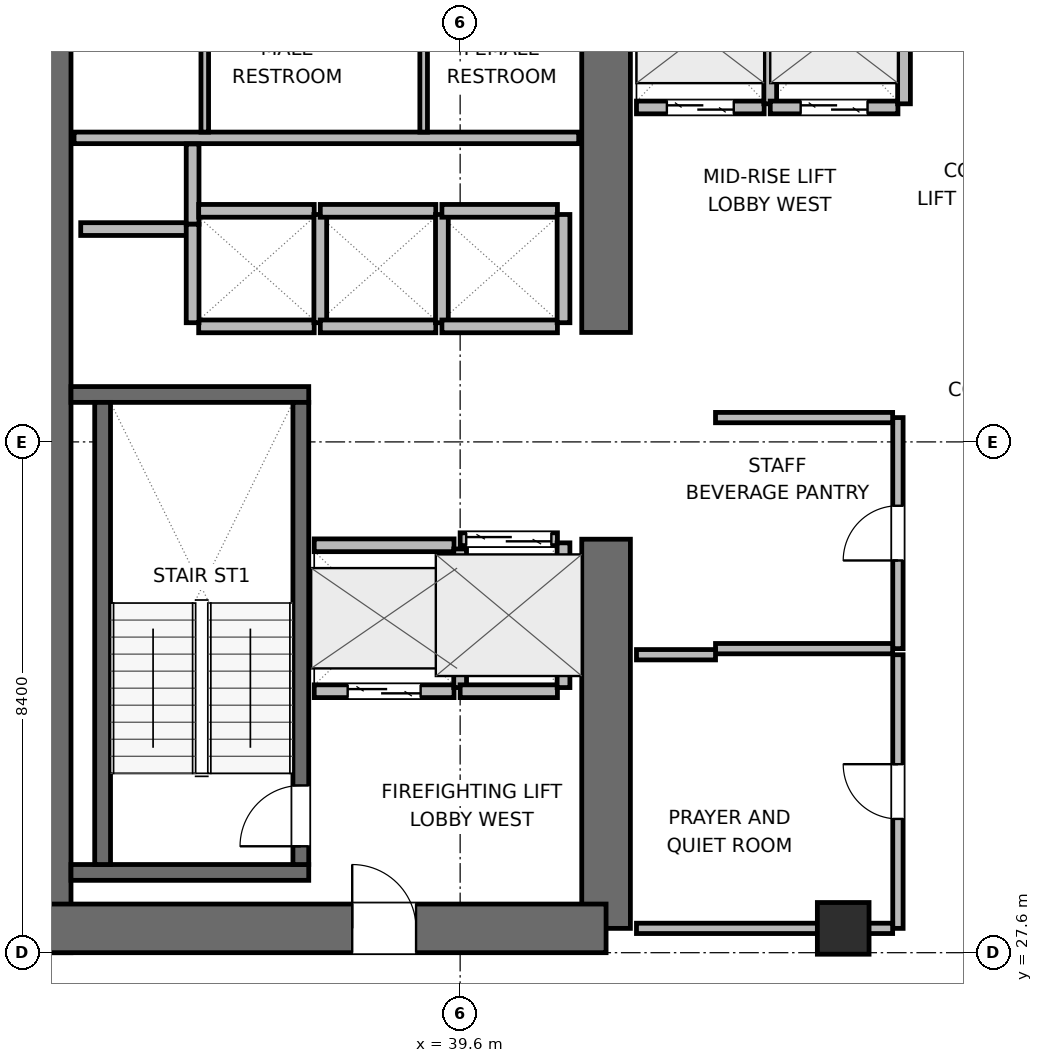
"""IFC4 building model, lengths in metres.
Left out: names, types, materials, properties, quantities, classifications, styles, units other than length and angle.
Written with IfcOpenShell. Run it as: python <this file> out.ifc"""

import sys

from ifc_helpers import new_model, si_unit, direction, frame, frame_2d, origin, origin_2d, place, context, subcontext, project, spatial, rectangle, extrude, element, fill, save


model = new_model("IFC4")
c1 = context("Model", 3, precision=1e-05, world=origin(), true_north=direction((0.0, 1.0)))
c2 = subcontext(c1, "Body", "Model", "MODEL_VIEW")
j1 = project(units=[si_unit("LENGTHUNIT", "METRE"), si_unit("PLANEANGLEUNIT", "RADIAN")], contexts=[c1])
p1 = place(None, origin())
s1 = spatial("IfcSite", under=j1, at=p1, CompositionType="ELEMENT")
p2 = place(p1, origin())
s2 = spatial("IfcBuilding", under=s1, at=p2, CompositionType="ELEMENT")
p3 = place(p2, frame((0.0, 0.0, 150.6)))
s3 = spatial("IfcBuildingStorey", under=s2, at=p3, CompositionType="ELEMENT", Elevation=150.6)
p4 = place(p3, frame((32.8, 27.6, 0.0), z_axis=(0.0, 0.0, 1.0), x_axis=(0.0, 1.0, 0.0)))
e1 = element("IfcWall", 1, at=p4, inside=s3, PredefinedType="SHEAR", context=c2, shape_type="SweptSolid", body=[
    extrude(rectangle(XDim=16.8, YDim=0.8, at=frame_2d((8.4, 0.0))), origin(), (0.0, 0.0, 1.0), 3.9),
])
p5 = place(p3, frame((42.0, 28.0, 0.0), z_axis=(0.0, 0.0, 1.0), x_axis=(0.0, 1.0, 0.0)))
e2 = element("IfcWall", 2, at=p5, inside=s3, PredefinedType="SHEAR", context=c2, shape_type="SweptSolid", body=[
    extrude(rectangle(XDim=6.4, YDim=0.8, at=frame_2d((3.2, 0.0))), origin(), (0.0, 0.0, 1.0), 3.9),
])
p6 = place(p3, frame((42.0, 37.8, 0.0), z_axis=(0.0, 0.0, 1.0), x_axis=(0.0, 1.0, 0.0)))
e3 = element("IfcWall", 3, at=p6, inside=s3, PredefinedType="SHEAR", context=c2, shape_type="SweptSolid", body=[
    extrude(rectangle(XDim=6.2, YDim=0.8, at=frame_2d((3.1, 0.0))), origin(), (0.0, 0.0, 1.0), 3.9),
])
p7 = place(p3, frame((32.8, 28.0, 0.0), z_axis=(0.0, 0.0, 1.0), x_axis=(1.0, 0.0, 0.0)))
e4 = element("IfcWall", 4, at=p7, inside=s3, PredefinedType="SHEAR", context=c2, shape_type="SweptSolid", body=[
    extrude(rectangle(XDim=9.2, YDim=0.8, at=frame_2d((4.6, 0.0))), origin(), (0.0, 0.0, 1.0), 3.9),
])
p8 = place(p7, frame((5.025, 0.0, 0.0)))
e5 = element("IfcOpeningElement", 5, at=p8, cuts=e4, PredefinedType="OPENING", context=c2, shape_type="SweptSolid", body=[
    extrude(rectangle(XDim=1.05, YDim=2.04, at=frame_2d((0.525, 1.02))), frame((0.0, 0.41, 0.0), z_axis=(0.0, -1.0, 0.0), x_axis=(1.0, 0.0, 0.0)), (0.0, 0.0, 1.0), 0.82),
])
for number, where, z_axis, x_axis in (
    (6, (33.2, 28.92, 0.0), (0.0, 0.0, 1.0), (1.0, 0.0, 0.0)),
    (7, (33.2, 36.78, 0.0), (0.0, 0.0, 1.0), (1.0, 0.0, 0.0)),
):
    element("IfcWall", number, at=place(p3, frame(where, z_axis=z_axis, x_axis=x_axis)), inside=s3, PredefinedType="SHEAR", context=c2, shape_type="SweptSolid", body=[
        extrude(rectangle(XDim=3.91, YDim=0.26, at=frame_2d((1.955, 0.0))), origin(), (0.0, 0.0, 1.0), 3.9),
    ])
p9 = place(p3, frame((33.72, 29.05, 0.0), z_axis=(0.0, 0.0, 1.0), x_axis=(0.0, 1.0, 0.0)))
e8 = element("IfcWall", 8, at=p9, inside=s3, PredefinedType="SHEAR", context=c2, shape_type="SweptSolid", body=[
    extrude(rectangle(XDim=7.6, YDim=0.26, at=frame_2d((3.8, 0.0))), origin(), (0.0, 0.0, 1.0), 3.9),
])
p10 = place(p3, frame((36.98, 29.05, 0.0), z_axis=(0.0, 0.0, 1.0), x_axis=(0.0, 1.0, 0.0)))
e9 = element("IfcWall", 9, at=p10, inside=s3, PredefinedType="SHEAR", context=c2, shape_type="SweptSolid", body=[
    extrude(rectangle(XDim=7.6, YDim=0.26, at=frame_2d((3.8, 0.0))), origin(), (0.0, 0.0, 1.0), 3.9),
])
p11 = place(p10, frame((0.3, 0.0, 0.0)))
e10 = element("IfcOpeningElement", 10, at=p11, cuts=e9, PredefinedType="OPENING", context=c2, shape_type="SweptSolid", body=[
    extrude(rectangle(XDim=1.0, YDim=2.04, at=frame_2d((0.5, 1.02))), frame((0.0, 0.14, 0.0), z_axis=(0.0, -1.0, 0.0), x_axis=(1.0, 0.0, 0.0)), (0.0, 0.0, 1.0), 0.28),
])
p12 = place(p3, frame((45.9, 28.0, 0.0), z_axis=(0.0, 0.0, 1.0), x_axis=(1.0, 0.0, 0.0)))
e11 = element("IfcColumn", 11, at=p12, inside=s3, PredefinedType="COLUMN", context=c2, shape_type="SweptSolid", body=[
    extrude(rectangle(XDim=0.85, YDim=0.85, at=origin_2d()), origin(), (0.0, 0.0, 1.0), 3.9),
])
p13 = place(p3, frame((33.25, 41.0, 0.0), z_axis=(0.0, 0.0, 1.0), x_axis=(1.0, 0.0, 0.0)))
e12 = element("IfcWall", 12, at=p13, inside=s3, PredefinedType="PLUMBINGWALL", context=c2, shape_type="SweptSolid", body=[
    extrude(rectangle(XDim=8.3, YDim=0.19, at=frame_2d((4.15, 0.0))), origin(), (0.0, 0.0, 1.0), 3.68),
])
for number, where, z_axis, x_axis in (
    (13, (35.4, 41.095, 0.0), (0.0, 0.0, 1.0), (0.0, 1.0, 0.0)),
    (14, (39.0, 41.095, 0.0), (0.0, 0.0, 1.0), (0.0, 1.0, 0.0)),
):
    element("IfcWall", number, at=place(p3, frame(where, z_axis=z_axis, x_axis=x_axis)), inside=s3, PredefinedType="PARTITIONING", context=c2, shape_type="SweptSolid", body=[
        extrude(rectangle(XDim=2.455, YDim=0.125, at=frame_2d((1.228, 0.0))), origin(), (0.0, 0.0, 1.0), 3.68),
    ])
p14 = place(p3, frame((33.36, 39.5, 0.0), z_axis=(0.0, 0.0, 1.0), x_axis=(1.0, 0.0, 0.0)))
e15 = element("IfcWall", 15, at=p14, inside=s3, PredefinedType="PARTITIONING", context=c2, shape_type="SweptSolid", body=[
    extrude(rectangle(XDim=1.86, YDim=0.21, at=frame_2d((0.93, 0.0))), origin(), (0.0, 0.0, 1.0), 3.68),
])
p15 = place(p3, frame((35.2, 39.58, 0.0), z_axis=(0.0, 0.0, 1.0), x_axis=(0.0, 1.0, 0.0)))
e16 = element("IfcWall", 16, at=p15, inside=s3, PredefinedType="PARTITIONING", context=c2, shape_type="SweptSolid", body=[
    extrude(rectangle(XDim=1.32, YDim=0.21, at=frame_2d((0.66, 0.0))), origin(), (0.0, 0.0, 1.0), 3.68),
])
p16 = place(p3, frame((37.2, 31.9, 0.0), z_axis=(0.0, 0.0, 1.0), x_axis=(1.0, 0.0, 0.0)))
e17 = element("IfcWall", 17, at=p16, inside=s3, PredefinedType="PARTITIONING", context=c2, shape_type="SweptSolid", body=[
    extrude(rectangle(XDim=2.3, YDim=0.21, at=frame_2d((1.15, 0.0))), origin(), (0.0, 0.0, 1.0), 3.68),
])
p17 = place(p16, frame((0.55, 0.0, 0.0)))
e18 = element("IfcOpeningElement", 18, at=p17, cuts=e17, PredefinedType="OPENING", context=c2, shape_type="SweptSolid", body=[
    extrude(rectangle(XDim=1.2, YDim=2.04, at=frame_2d((0.6, 1.02))), frame((0.0, 0.115, 0.0), z_axis=(0.0, -1.0, 0.0), x_axis=(1.0, 0.0, 0.0)), (0.0, 0.0, 1.0), 0.23),
])
p18 = place(p3, frame((37.2, 34.3, 0.0), z_axis=(0.0, 0.0, 1.0), x_axis=(1.0, 0.0, 0.0)))
e19 = element("IfcWall", 19, at=p18, inside=s3, PredefinedType="PARTITIONING", context=c2, shape_type="SweptSolid", body=[
    extrude(rectangle(XDim=2.3, YDim=0.21, at=frame_2d((1.15, 0.0))), origin(), (0.0, 0.0, 1.0), 3.68),
])
p19 = place(p3, frame((39.6, 31.96, 0.0), z_axis=(0.0, 0.0, 1.0), x_axis=(0.0, 1.0, 0.0)))
e20 = element("IfcWall", 20, at=p19, inside=s3, PredefinedType="PARTITIONING", context=c2, shape_type="SweptSolid", body=[
    extrude(rectangle(XDim=2.28, YDim=0.21, at=frame_2d((1.14, 0.0))), origin(), (0.0, 0.0, 1.0), 3.68),
])
p20 = place(p3, frame((39.6, 34.4, 0.0), z_axis=(0.0, 0.0, 1.0), x_axis=(1.0, 0.0, 0.0)))
e21 = element("IfcWall", 21, at=p20, inside=s3, PredefinedType="PARTITIONING", context=c2, shape_type="SweptSolid", body=[
    extrude(rectangle(XDim=1.6, YDim=0.21, at=frame_2d((0.8, 0.0))), origin(), (0.0, 0.0, 1.0), 3.68),
])
p21 = place(p20, frame((0.1, 0.0, 0.0)))
e22 = element("IfcOpeningElement", 22, at=p21, cuts=e21, PredefinedType="OPENING", context=c2, shape_type="SweptSolid", body=[
    extrude(rectangle(XDim=1.4, YDim=2.06, at=frame_2d((0.7, 1.03))), frame((0.0, 0.115, 0.0), z_axis=(0.0, -1.0, 0.0), x_axis=(1.0, 0.0, 0.0)), (0.0, 0.0, 1.0), 0.23),
])
p22 = place(p3, frame((39.6, 31.9, 0.0), z_axis=(0.0, 0.0, 1.0), x_axis=(1.0, 0.0, 0.0)))
e23 = element("IfcWall", 23, at=p22, inside=s3, PredefinedType="PARTITIONING", context=c2, shape_type="SweptSolid", body=[
    extrude(rectangle(XDim=1.6, YDim=0.21, at=frame_2d((0.8, 0.0))), origin(), (0.0, 0.0, 1.0), 3.68),
])
p23 = place(p3, frame((41.3, 31.96, 0.0), z_axis=(0.0, 0.0, 1.0), x_axis=(0.0, 1.0, 0.0)))
e24 = element("IfcWall", 24, at=p23, inside=s3, PredefinedType="PARTITIONING", context=c2, shape_type="SweptSolid", body=[
    extrude(rectangle(XDim=2.38, YDim=0.21, at=frame_2d((1.19, 0.0))), origin(), (0.0, 0.0, 1.0), 3.68),
])
p24 = place(p3, frame((42.5, 41.5, 0.0), z_axis=(0.0, 0.0, 1.0), x_axis=(1.0, 0.0, 0.0)))
e25 = element("IfcWall", 25, at=p24, inside=s3, PredefinedType="PARTITIONING", context=c2, shape_type="SweptSolid", body=[
    extrude(rectangle(XDim=2.1, YDim=0.21, at=frame_2d((1.05, 0.0))), origin(), (0.0, 0.0, 1.0), 3.68),
])
p25 = place(p24, frame((0.5, 0.0, 0.0)))
e26 = element("IfcOpeningElement", 26, at=p25, cuts=e25, PredefinedType="OPENING", context=c2, shape_type="SweptSolid", body=[
    extrude(rectangle(XDim=1.1, YDim=2.04, at=frame_2d((0.55, 1.02))), frame((0.0, 0.115, 0.0), z_axis=(0.0, -1.0, 0.0), x_axis=(1.0, 0.0, 0.0)), (0.0, 0.0, 1.0), 0.23),
])
p26 = place(p3, frame((44.7, 41.56, 0.0), z_axis=(0.0, 0.0, 1.0), x_axis=(0.0, 1.0, 0.0)))
e27 = element("IfcWall", 27, at=p26, inside=s3, PredefinedType="PARTITIONING", context=c2, shape_type="SweptSolid", body=[
    extrude(rectangle(XDim=2.28, YDim=0.21, at=frame_2d((1.14, 0.0))), origin(), (0.0, 0.0, 1.0), 3.68),
])
p27 = place(p3, frame((44.7, 41.5, 0.0), z_axis=(0.0, 0.0, 1.0), x_axis=(1.0, 0.0, 0.0)))
e28 = element("IfcWall", 28, at=p27, inside=s3, PredefinedType="PARTITIONING", context=c2, shape_type="SweptSolid", body=[
    extrude(rectangle(XDim=2.1, YDim=0.21, at=frame_2d((1.05, 0.0))), origin(), (0.0, 0.0, 1.0), 3.68),
])
p28 = place(p27, frame((0.5, 0.0, 0.0)))
e29 = element("IfcOpeningElement", 29, at=p28, cuts=e28, PredefinedType="OPENING", context=c2, shape_type="SweptSolid", body=[
    extrude(rectangle(XDim=1.1, YDim=2.04, at=frame_2d((0.55, 1.02))), frame((0.0, 0.115, 0.0), z_axis=(0.0, -1.0, 0.0), x_axis=(1.0, 0.0, 0.0)), (0.0, 0.0, 1.0), 0.23),
])
p29 = place(p3, frame((46.9, 41.56, 0.0), z_axis=(0.0, 0.0, 1.0), x_axis=(0.0, 1.0, 0.0)))
e30 = element("IfcWall", 30, at=p29, inside=s3, PredefinedType="PARTITIONING", context=c2, shape_type="SweptSolid", body=[
    extrude(rectangle(XDim=2.28, YDim=0.21, at=frame_2d((1.14, 0.0))), origin(), (0.0, 0.0, 1.0), 3.68),
])
for number, where, z_axis, x_axis in (
    (31, (35.3, 37.9, 0.0), (0.0, 0.0, 1.0), (1.0, 0.0, 0.0)),
    (32, (35.3, 39.8, 0.0), (0.0, 0.0, 1.0), (1.0, 0.0, 0.0)),
):
    element("IfcWall", number, at=place(p3, frame(where, z_axis=z_axis, x_axis=x_axis)), inside=s3, PredefinedType="PARTITIONING", context=c2, shape_type="SweptSolid", body=[
        extrude(rectangle(XDim=1.9, YDim=0.21, at=frame_2d((0.95, 0.0))), origin(), (0.0, 0.0, 1.0), 3.68),
    ])
p30 = place(p3, frame((35.2, 37.96, 0.0), z_axis=(0.0, 0.0, 1.0), x_axis=(0.0, 1.0, 0.0)))
e33 = element("IfcWall", 33, at=p30, inside=s3, PredefinedType="PARTITIONING", context=c2, shape_type="SweptSolid", body=[
    extrude(rectangle(XDim=1.62, YDim=0.21, at=frame_2d((0.81, 0.0))), origin(), (0.0, 0.0, 1.0), 3.68),
])
p31 = place(p3, frame((37.3, 37.96, 0.0), z_axis=(0.0, 0.0, 1.0), x_axis=(0.0, 1.0, 0.0)))
e34 = element("IfcWall", 34, at=p31, inside=s3, PredefinedType="PARTITIONING", context=c2, shape_type="SweptSolid", body=[
    extrude(rectangle(XDim=1.78, YDim=0.21, at=frame_2d((0.89, 0.0))), origin(), (0.0, 0.0, 1.0), 3.68),
])
for number, where, z_axis, x_axis in (
    (35, (37.3, 37.9, 0.0), (0.0, 0.0, 1.0), (1.0, 0.0, 0.0)),
    (36, (37.3, 39.8, 0.0), (0.0, 0.0, 1.0), (1.0, 0.0, 0.0)),
):
    element("IfcWall", number, at=place(p3, frame(where, z_axis=z_axis, x_axis=x_axis)), inside=s3, PredefinedType="PARTITIONING", context=c2, shape_type="SweptSolid", body=[
        extrude(rectangle(XDim=1.9, YDim=0.21, at=frame_2d((0.95, 0.0))), origin(), (0.0, 0.0, 1.0), 3.68),
    ])
p32 = place(p3, frame((39.3, 37.96, 0.0), z_axis=(0.0, 0.0, 1.0), x_axis=(0.0, 1.0, 0.0)))
e37 = element("IfcWall", 37, at=p32, inside=s3, PredefinedType="PARTITIONING", context=c2, shape_type="SweptSolid", body=[
    extrude(rectangle(XDim=1.78, YDim=0.21, at=frame_2d((0.89, 0.0))), origin(), (0.0, 0.0, 1.0), 3.68),
])
for number, where, z_axis, x_axis in (
    (38, (39.3, 37.9, 0.0), (0.0, 0.0, 1.0), (1.0, 0.0, 0.0)),
    (39, (39.3, 39.8, 0.0), (0.0, 0.0, 1.0), (1.0, 0.0, 0.0)),
):
    element("IfcWall", number, at=place(p3, frame(where, z_axis=z_axis, x_axis=x_axis)), inside=s3, PredefinedType="PARTITIONING", context=c2, shape_type="SweptSolid", body=[
        extrude(rectangle(XDim=1.9, YDim=0.21, at=frame_2d((0.95, 0.0))), origin(), (0.0, 0.0, 1.0), 3.68),
    ])
p33 = place(p3, frame((41.3, 37.96, 0.0), z_axis=(0.0, 0.0, 1.0), x_axis=(0.0, 1.0, 0.0)))
e40 = element("IfcWall", 40, at=p33, inside=s3, PredefinedType="PARTITIONING", context=c2, shape_type="SweptSolid", body=[
    extrude(rectangle(XDim=1.78, YDim=0.21, at=frame_2d((0.89, 0.0))), origin(), (0.0, 0.0, 1.0), 3.68),
])
p34 = place(p3, frame((46.8, 32.6, 0.0), z_axis=(0.0, 0.0, 1.0), x_axis=(0.0, 1.0, 0.0)))
e41 = element("IfcWall", 41, at=p34, inside=s3, PredefinedType="PARTITIONING", context=c2, shape_type="SweptSolid", body=[
    extrude(rectangle(XDim=3.8, YDim=0.17, at=frame_2d((1.9, 0.0))), origin(), (0.0, 0.0, 1.0), 3.68),
])
p35 = place(p34, frame((1.45, 0.0, 0.0)))
e42 = element("IfcOpeningElement", 42, at=p35, cuts=e41, PredefinedType="OPENING", context=c2, shape_type="SweptSolid", body=[
    extrude(rectangle(XDim=0.9, YDim=2.02, at=frame_2d((0.45, 1.01))), frame((0.0, 0.095, 0.0), z_axis=(0.0, -1.0, 0.0), x_axis=(1.0, 0.0, 0.0)), (0.0, 0.0, 1.0), 0.19),
])
for number, where, z_axis, x_axis in (
    (43, (43.8, 32.6, 0.0), (0.0, 0.0, 1.0), (1.0, 0.0, 0.0)),
    (44, (43.8, 36.4, 0.0), (0.0, 0.0, 1.0), (1.0, 0.0, 0.0)),
):
    element("IfcWall", number, at=place(p3, frame(where, z_axis=z_axis, x_axis=x_axis)), inside=s3, PredefinedType="PARTITIONING", context=c2, shape_type="SweptSolid", body=[
        extrude(rectangle(XDim=2.913, YDim=0.17, at=frame_2d((1.457, 0.0))), origin(), (0.0, 0.0, 1.0), 3.68),
    ])
p36 = place(p3, frame((46.8, 28.0, 0.0), z_axis=(0.0, 0.0, 1.0), x_axis=(0.0, 1.0, 0.0)))
e45 = element("IfcWall", 45, at=p36, inside=s3, PredefinedType="PARTITIONING", context=c2, shape_type="SweptSolid", body=[
    extrude(rectangle(XDim=4.5, YDim=0.17, at=frame_2d((2.25, 0.0))), origin(), (0.0, 0.0, 1.0), 3.68),
])
p37 = place(p36, frame((1.8, 0.0, 0.0)))
e46 = element("IfcOpeningElement", 46, at=p37, cuts=e45, PredefinedType="OPENING", context=c2, shape_type="SweptSolid", body=[
    extrude(rectangle(XDim=0.9, YDim=2.02, at=frame_2d((0.45, 1.01))), frame((0.0, 0.095, 0.0), z_axis=(0.0, -1.0, 0.0), x_axis=(1.0, 0.0, 0.0)), (0.0, 0.0, 1.0), 0.19),
])
p38 = place(p3, frame((42.5, 28.0, 0.0), z_axis=(0.0, 0.0, 1.0), x_axis=(1.0, 0.0, 0.0)))
e47 = element("IfcWall", 47, at=p38, inside=s3, PredefinedType="PARTITIONING", context=c2, shape_type="SweptSolid", body=[
    extrude(rectangle(XDim=4.213, YDim=0.17, at=frame_2d((2.106, 0.0))), origin(), (0.0, 0.0, 1.0), 2.565),
])
p39 = place(p3, frame((42.5, 32.5, 0.0), z_axis=(0.0, 0.0, 1.0), x_axis=(1.0, 0.0, 0.0)))
e48 = element("IfcWall", 48, at=p39, inside=s3, PredefinedType="PARTITIONING", context=c2, shape_type="SweptSolid", body=[
    extrude(rectangle(XDim=1.3, YDim=0.17, at=frame_2d((0.65, 0.0))), origin(), (0.0, 0.0, 1.0), 3.68),
])
p40 = place(p11, origin())
e49 = element("IfcDoor", 49, at=p40, inside=s3, OperationType="SINGLE_SWING_LEFT", PredefinedType="DOOR", context=c2, shape_type="SweptSolid", body=[
    extrude(rectangle(XDim=1.0, YDim=2.04, at=frame_2d((0.5, 1.02))), frame((0.0, 0.025, 0.0), z_axis=(0.0, -1.0, 0.0), x_axis=(1.0, 0.0, 0.0)), (0.0, 0.0, 1.0), 0.05),
])
fill(e10, e49)
p41 = place(p17, origin())
e50 = element("IfcDoor", 50, at=p41, inside=s3, OperationType="DOUBLE_DOOR_SLIDING", PredefinedType="DOOR", context=c2, shape_type="SweptSolid", body=[
    extrude(rectangle(XDim=1.2, YDim=2.04, at=frame_2d((0.6, 1.02))), frame((0.0, 0.025, 0.0), z_axis=(0.0, -1.0, 0.0), x_axis=(1.0, 0.0, 0.0)), (0.0, 0.0, 1.0), 0.05),
])
fill(e18, e50)
p42 = place(p21, origin())
e51 = element("IfcDoor", 51, at=p42, inside=s3, OperationType="DOUBLE_DOOR_SLIDING", PredefinedType="DOOR", context=c2, shape_type="SweptSolid", body=[
    extrude(rectangle(XDim=1.4, YDim=2.06, at=frame_2d((0.7, 1.03))), frame((0.0, 0.025, 0.0), z_axis=(0.0, -1.0, 0.0), x_axis=(1.0, 0.0, 0.0)), (0.0, 0.0, 1.0), 0.05),
])
fill(e22, e51)
p43 = place(p25, origin())
e52 = element("IfcDoor", 52, at=p43, inside=s3, OperationType="DOUBLE_DOOR_SLIDING", PredefinedType="DOOR", context=c2, shape_type="SweptSolid", body=[
    extrude(rectangle(XDim=1.1, YDim=2.04, at=frame_2d((0.55, 1.02))), frame((0.0, 0.025, 0.0), z_axis=(0.0, -1.0, 0.0), x_axis=(1.0, 0.0, 0.0)), (0.0, 0.0, 1.0), 0.05),
])
fill(e26, e52)
p44 = place(p28, origin())
e53 = element("IfcDoor", 53, at=p44, inside=s3, OperationType="DOUBLE_DOOR_SLIDING", PredefinedType="DOOR", context=c2, shape_type="SweptSolid", body=[
    extrude(rectangle(XDim=1.1, YDim=2.04, at=frame_2d((0.55, 1.02))), frame((0.0, 0.025, 0.0), z_axis=(0.0, -1.0, 0.0), x_axis=(1.0, 0.0, 0.0)), (0.0, 0.0, 1.0), 0.05),
])
fill(e29, e53)
p45 = place(p8, origin())
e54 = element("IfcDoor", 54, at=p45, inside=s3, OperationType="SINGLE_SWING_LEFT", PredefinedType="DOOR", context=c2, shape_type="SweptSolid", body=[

******

**What to produce**
Once every line of the listing that contains "cuts" has been counted, give the total and nothing else.

**Exercise answer**
8